- YOUR TASK: Repeat the stretch of entries below from the line with "#13=DIRECTION('',(-0.,1.,-0.));" through the line with "#53=VERTEX_POINT('',#52);". Include both ends and add nothing.

Stored dataset items

+++

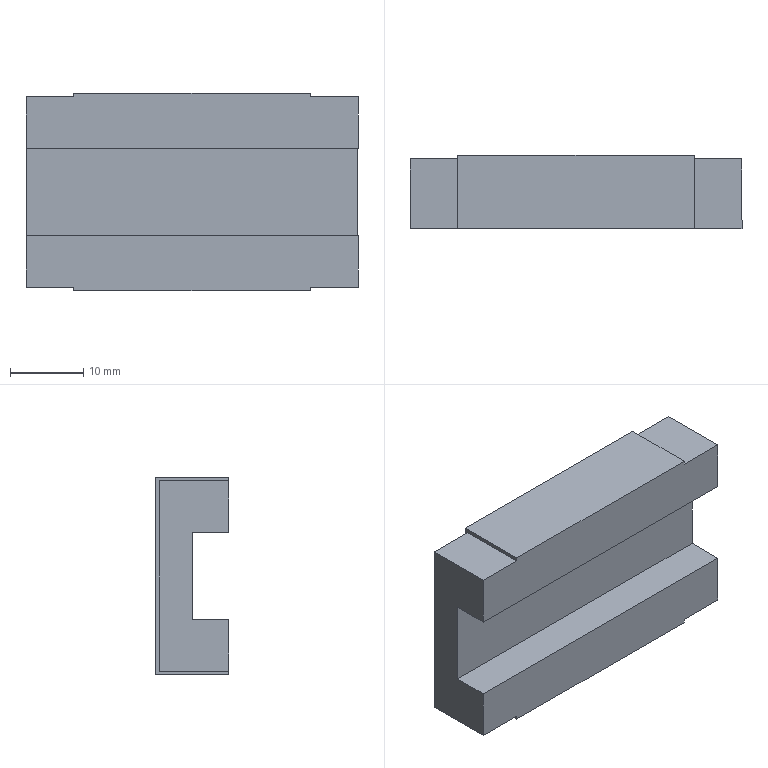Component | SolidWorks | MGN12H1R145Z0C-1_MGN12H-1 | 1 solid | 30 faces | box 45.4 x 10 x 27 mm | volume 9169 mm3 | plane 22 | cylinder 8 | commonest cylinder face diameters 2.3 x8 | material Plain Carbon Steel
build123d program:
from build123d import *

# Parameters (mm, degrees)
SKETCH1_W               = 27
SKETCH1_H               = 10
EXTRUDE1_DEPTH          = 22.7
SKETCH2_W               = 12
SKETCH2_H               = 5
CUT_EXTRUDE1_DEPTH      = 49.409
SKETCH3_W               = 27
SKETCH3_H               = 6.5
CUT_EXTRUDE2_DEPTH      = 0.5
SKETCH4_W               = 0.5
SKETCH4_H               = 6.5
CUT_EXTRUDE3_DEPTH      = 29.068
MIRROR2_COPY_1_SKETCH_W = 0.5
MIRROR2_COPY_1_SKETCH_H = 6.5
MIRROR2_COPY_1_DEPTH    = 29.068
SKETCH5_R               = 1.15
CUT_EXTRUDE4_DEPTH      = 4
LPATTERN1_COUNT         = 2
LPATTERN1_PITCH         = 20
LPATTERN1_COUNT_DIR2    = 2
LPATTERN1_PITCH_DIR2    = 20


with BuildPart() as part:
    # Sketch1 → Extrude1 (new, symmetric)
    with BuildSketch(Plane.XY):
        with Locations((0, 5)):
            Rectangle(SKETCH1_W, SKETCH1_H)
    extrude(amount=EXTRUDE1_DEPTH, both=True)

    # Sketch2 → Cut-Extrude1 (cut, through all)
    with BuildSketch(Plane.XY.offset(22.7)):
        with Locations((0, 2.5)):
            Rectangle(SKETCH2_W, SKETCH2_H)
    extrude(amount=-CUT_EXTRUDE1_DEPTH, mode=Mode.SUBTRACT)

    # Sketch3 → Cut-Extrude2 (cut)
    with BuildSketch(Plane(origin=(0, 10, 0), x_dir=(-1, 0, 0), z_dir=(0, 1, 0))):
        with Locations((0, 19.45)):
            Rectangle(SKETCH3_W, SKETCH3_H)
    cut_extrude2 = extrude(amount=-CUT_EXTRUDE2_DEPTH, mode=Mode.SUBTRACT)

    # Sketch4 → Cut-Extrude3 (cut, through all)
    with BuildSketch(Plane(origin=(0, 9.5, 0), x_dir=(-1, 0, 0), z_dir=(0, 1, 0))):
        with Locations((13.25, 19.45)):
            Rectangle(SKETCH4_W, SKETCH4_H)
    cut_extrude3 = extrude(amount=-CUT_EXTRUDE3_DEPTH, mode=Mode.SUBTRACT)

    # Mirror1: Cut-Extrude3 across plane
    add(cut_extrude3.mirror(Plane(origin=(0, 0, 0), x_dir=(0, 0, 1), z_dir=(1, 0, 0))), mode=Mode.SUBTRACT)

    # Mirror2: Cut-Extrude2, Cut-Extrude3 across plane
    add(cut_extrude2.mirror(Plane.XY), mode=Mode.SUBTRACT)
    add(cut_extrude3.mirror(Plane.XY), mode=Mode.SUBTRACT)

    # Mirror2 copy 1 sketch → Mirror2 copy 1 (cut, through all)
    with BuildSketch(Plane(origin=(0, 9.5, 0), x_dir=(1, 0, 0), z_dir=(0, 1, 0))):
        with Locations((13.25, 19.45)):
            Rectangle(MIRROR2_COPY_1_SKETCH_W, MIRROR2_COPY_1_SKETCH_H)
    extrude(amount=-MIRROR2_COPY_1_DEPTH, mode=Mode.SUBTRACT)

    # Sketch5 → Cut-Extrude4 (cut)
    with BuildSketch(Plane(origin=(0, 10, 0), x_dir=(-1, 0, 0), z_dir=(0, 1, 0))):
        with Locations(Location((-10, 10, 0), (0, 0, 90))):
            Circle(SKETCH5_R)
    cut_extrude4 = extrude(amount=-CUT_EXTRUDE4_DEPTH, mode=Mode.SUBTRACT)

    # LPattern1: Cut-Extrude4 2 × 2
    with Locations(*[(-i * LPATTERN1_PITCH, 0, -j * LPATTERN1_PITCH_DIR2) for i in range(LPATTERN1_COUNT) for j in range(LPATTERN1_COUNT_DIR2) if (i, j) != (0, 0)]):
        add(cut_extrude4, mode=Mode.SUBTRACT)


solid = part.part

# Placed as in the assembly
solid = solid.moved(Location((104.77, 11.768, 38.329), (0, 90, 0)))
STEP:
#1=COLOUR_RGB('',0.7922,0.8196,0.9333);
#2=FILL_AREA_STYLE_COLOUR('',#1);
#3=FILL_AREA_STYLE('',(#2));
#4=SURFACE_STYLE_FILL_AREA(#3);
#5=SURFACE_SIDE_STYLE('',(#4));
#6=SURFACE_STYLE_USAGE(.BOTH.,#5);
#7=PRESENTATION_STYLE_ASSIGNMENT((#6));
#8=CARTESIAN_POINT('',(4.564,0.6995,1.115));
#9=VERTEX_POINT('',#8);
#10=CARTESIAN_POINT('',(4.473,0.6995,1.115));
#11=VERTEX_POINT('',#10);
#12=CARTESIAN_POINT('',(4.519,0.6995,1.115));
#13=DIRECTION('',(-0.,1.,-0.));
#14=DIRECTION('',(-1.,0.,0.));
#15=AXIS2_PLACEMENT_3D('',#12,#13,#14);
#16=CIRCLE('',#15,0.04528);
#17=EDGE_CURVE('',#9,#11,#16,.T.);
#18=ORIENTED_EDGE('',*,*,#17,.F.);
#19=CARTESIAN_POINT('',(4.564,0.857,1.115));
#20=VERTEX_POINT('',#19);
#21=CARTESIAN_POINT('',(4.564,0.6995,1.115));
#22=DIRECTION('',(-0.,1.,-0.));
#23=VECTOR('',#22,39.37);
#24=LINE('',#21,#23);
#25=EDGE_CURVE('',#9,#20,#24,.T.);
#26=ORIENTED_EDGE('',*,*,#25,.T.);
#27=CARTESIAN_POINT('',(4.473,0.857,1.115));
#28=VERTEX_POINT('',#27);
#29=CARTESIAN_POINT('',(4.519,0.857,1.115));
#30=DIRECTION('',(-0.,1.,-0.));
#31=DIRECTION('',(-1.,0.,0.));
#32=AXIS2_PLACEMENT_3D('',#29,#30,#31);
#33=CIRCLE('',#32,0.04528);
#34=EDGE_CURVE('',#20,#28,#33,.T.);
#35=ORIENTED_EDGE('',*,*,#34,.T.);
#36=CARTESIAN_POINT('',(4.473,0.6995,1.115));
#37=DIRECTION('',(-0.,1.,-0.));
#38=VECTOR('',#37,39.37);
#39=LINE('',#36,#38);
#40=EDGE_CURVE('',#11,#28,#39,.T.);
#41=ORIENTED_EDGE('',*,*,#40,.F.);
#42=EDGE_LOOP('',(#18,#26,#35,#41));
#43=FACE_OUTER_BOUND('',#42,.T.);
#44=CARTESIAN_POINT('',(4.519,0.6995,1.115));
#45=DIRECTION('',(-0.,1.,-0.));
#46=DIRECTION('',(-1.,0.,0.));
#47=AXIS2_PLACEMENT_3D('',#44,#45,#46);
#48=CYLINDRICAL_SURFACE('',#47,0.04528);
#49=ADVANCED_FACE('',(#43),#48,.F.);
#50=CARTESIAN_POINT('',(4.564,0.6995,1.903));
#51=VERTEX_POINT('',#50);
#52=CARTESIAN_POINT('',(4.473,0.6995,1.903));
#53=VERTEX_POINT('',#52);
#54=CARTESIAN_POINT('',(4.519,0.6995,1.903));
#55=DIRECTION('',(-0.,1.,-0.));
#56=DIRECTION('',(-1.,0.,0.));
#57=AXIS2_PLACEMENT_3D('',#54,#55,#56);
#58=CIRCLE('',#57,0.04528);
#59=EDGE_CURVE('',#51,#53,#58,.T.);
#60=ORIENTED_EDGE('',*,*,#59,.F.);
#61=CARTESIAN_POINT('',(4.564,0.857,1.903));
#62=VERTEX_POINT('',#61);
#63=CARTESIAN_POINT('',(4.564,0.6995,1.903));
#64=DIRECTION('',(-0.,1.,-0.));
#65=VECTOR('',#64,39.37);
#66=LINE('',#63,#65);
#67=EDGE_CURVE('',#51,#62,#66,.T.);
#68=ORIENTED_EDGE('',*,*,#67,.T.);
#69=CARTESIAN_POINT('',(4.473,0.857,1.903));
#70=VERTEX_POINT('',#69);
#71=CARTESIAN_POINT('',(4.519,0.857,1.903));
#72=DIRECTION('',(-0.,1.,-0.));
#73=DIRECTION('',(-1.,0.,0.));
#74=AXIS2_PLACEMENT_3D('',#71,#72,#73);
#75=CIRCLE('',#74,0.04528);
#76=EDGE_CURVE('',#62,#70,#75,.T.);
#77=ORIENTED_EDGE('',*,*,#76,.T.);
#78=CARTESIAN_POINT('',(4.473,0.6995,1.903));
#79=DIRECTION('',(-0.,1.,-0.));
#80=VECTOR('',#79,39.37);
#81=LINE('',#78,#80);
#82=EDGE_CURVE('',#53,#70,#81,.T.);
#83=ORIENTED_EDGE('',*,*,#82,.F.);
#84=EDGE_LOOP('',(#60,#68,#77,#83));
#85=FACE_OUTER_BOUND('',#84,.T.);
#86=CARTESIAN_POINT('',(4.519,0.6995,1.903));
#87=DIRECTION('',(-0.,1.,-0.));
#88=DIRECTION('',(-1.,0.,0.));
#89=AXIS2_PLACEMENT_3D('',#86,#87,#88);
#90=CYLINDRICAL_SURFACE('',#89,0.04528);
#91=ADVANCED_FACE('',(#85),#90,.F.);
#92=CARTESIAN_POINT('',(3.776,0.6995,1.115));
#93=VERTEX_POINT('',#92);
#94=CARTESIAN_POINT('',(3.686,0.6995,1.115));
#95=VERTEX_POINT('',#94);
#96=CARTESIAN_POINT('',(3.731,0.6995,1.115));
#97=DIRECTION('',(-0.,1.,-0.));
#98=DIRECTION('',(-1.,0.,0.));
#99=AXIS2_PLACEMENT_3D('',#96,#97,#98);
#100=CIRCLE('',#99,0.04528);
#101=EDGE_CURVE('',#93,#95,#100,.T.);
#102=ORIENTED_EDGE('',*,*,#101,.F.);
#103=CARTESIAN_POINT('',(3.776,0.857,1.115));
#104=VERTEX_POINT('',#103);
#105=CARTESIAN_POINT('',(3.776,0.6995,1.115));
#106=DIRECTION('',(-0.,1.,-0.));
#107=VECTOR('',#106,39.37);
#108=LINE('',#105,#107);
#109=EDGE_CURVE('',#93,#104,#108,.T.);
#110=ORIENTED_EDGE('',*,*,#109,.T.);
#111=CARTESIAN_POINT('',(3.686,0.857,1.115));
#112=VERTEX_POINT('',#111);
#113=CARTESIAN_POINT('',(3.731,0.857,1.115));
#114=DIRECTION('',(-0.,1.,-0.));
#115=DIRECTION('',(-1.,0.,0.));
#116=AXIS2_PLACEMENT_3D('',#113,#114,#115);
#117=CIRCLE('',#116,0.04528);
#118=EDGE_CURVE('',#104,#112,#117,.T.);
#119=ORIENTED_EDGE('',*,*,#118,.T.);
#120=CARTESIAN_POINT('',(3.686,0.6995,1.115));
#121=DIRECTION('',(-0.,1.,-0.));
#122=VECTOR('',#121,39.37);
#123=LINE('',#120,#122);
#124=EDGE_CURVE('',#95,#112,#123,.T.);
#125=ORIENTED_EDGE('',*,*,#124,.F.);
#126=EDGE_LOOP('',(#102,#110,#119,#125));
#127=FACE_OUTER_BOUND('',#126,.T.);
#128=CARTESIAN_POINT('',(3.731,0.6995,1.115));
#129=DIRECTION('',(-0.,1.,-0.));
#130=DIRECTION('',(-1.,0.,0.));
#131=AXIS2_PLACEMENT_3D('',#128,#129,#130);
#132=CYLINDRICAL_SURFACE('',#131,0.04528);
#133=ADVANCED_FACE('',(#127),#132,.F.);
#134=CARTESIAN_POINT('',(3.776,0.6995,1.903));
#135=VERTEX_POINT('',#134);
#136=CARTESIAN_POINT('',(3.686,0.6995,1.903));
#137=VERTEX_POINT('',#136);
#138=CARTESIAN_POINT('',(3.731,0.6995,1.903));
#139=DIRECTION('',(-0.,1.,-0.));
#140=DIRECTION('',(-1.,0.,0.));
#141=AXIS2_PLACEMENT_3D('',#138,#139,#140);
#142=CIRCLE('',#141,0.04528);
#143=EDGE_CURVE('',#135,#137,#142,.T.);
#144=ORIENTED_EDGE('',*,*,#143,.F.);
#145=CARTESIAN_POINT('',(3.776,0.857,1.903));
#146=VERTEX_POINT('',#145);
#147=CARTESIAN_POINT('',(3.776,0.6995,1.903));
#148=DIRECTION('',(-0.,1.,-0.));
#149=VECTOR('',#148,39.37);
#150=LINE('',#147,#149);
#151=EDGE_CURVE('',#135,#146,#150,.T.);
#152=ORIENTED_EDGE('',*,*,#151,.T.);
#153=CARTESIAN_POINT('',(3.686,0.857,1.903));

+++

- ANSWER SPACE:
#13=DIRECTION('',(-0.,1.,-0.));
#14=DIRECTION('',(-1.,0.,0.));
#15=AXIS2_PLACEMENT_3D('',#12,#13,#14);
#16=CIRCLE('',#15,0.04528);
#17=EDGE_CURVE('',#9,#11,#16,.T.);
#18=ORIENTED_EDGE('',*,*,#17,.F.);
#19=CARTESIAN_POINT('',(4.564,0.857,1.115));
#20=VERTEX_POINT('',#19);
#21=CARTESIAN_POINT('',(4.564,0.6995,1.115));
#22=DIRECTION('',(-0.,1.,-0.));
#23=VECTOR('',#22,39.37);
#24=LINE('',#21,#23);
#25=EDGE_CURVE('',#9,#20,#24,.T.);
#26=ORIENTED_EDGE('',*,*,#25,.T.);
#27=CARTESIAN_POINT('',(4.473,0.857,1.115));
#28=VERTEX_POINT('',#27);
#29=CARTESIAN_POINT('',(4.519,0.857,1.115));
#30=DIRECTION('',(-0.,1.,-0.));
#31=DIRECTION('',(-1.,0.,0.));
#32=AXIS2_PLACEMENT_3D('',#29,#30,#31);
#33=CIRCLE('',#32,0.04528);
#34=EDGE_CURVE('',#20,#28,#33,.T.);
#35=ORIENTED_EDGE('',*,*,#34,.T.);
#36=CARTESIAN_POINT('',(4.473,0.6995,1.115));
#37=DIRECTION('',(-0.,1.,-0.));
#38=VECTOR('',#37,39.37);
#39=LINE('',#36,#38);
#40=EDGE_CURVE('',#11,#28,#39,.T.);
#41=ORIENTED_EDGE('',*,*,#40,.F.);
#42=EDGE_LOOP('',(#18,#26,#35,#41));
#43=FACE_OUTER_BOUND('',#42,.T.);
#44=CARTESIAN_POINT('',(4.519,0.6995,1.115));
#45=DIRECTION('',(-0.,1.,-0.));
#46=DIRECTION('',(-1.,0.,0.));
#47=AXIS2_PLACEMENT_3D('',#44,#45,#46);
#48=CYLINDRICAL_SURFACE('',#47,0.04528);
#49=ADVANCED_FACE('',(#43),#48,.F.);
#50=CARTESIAN_POINT('',(4.564,0.6995,1.903));
#51=VERTEX_POINT('',#50);
#52=CARTESIAN_POINT('',(4.473,0.6995,1.903));
#53=VERTEX_POINT('',#52);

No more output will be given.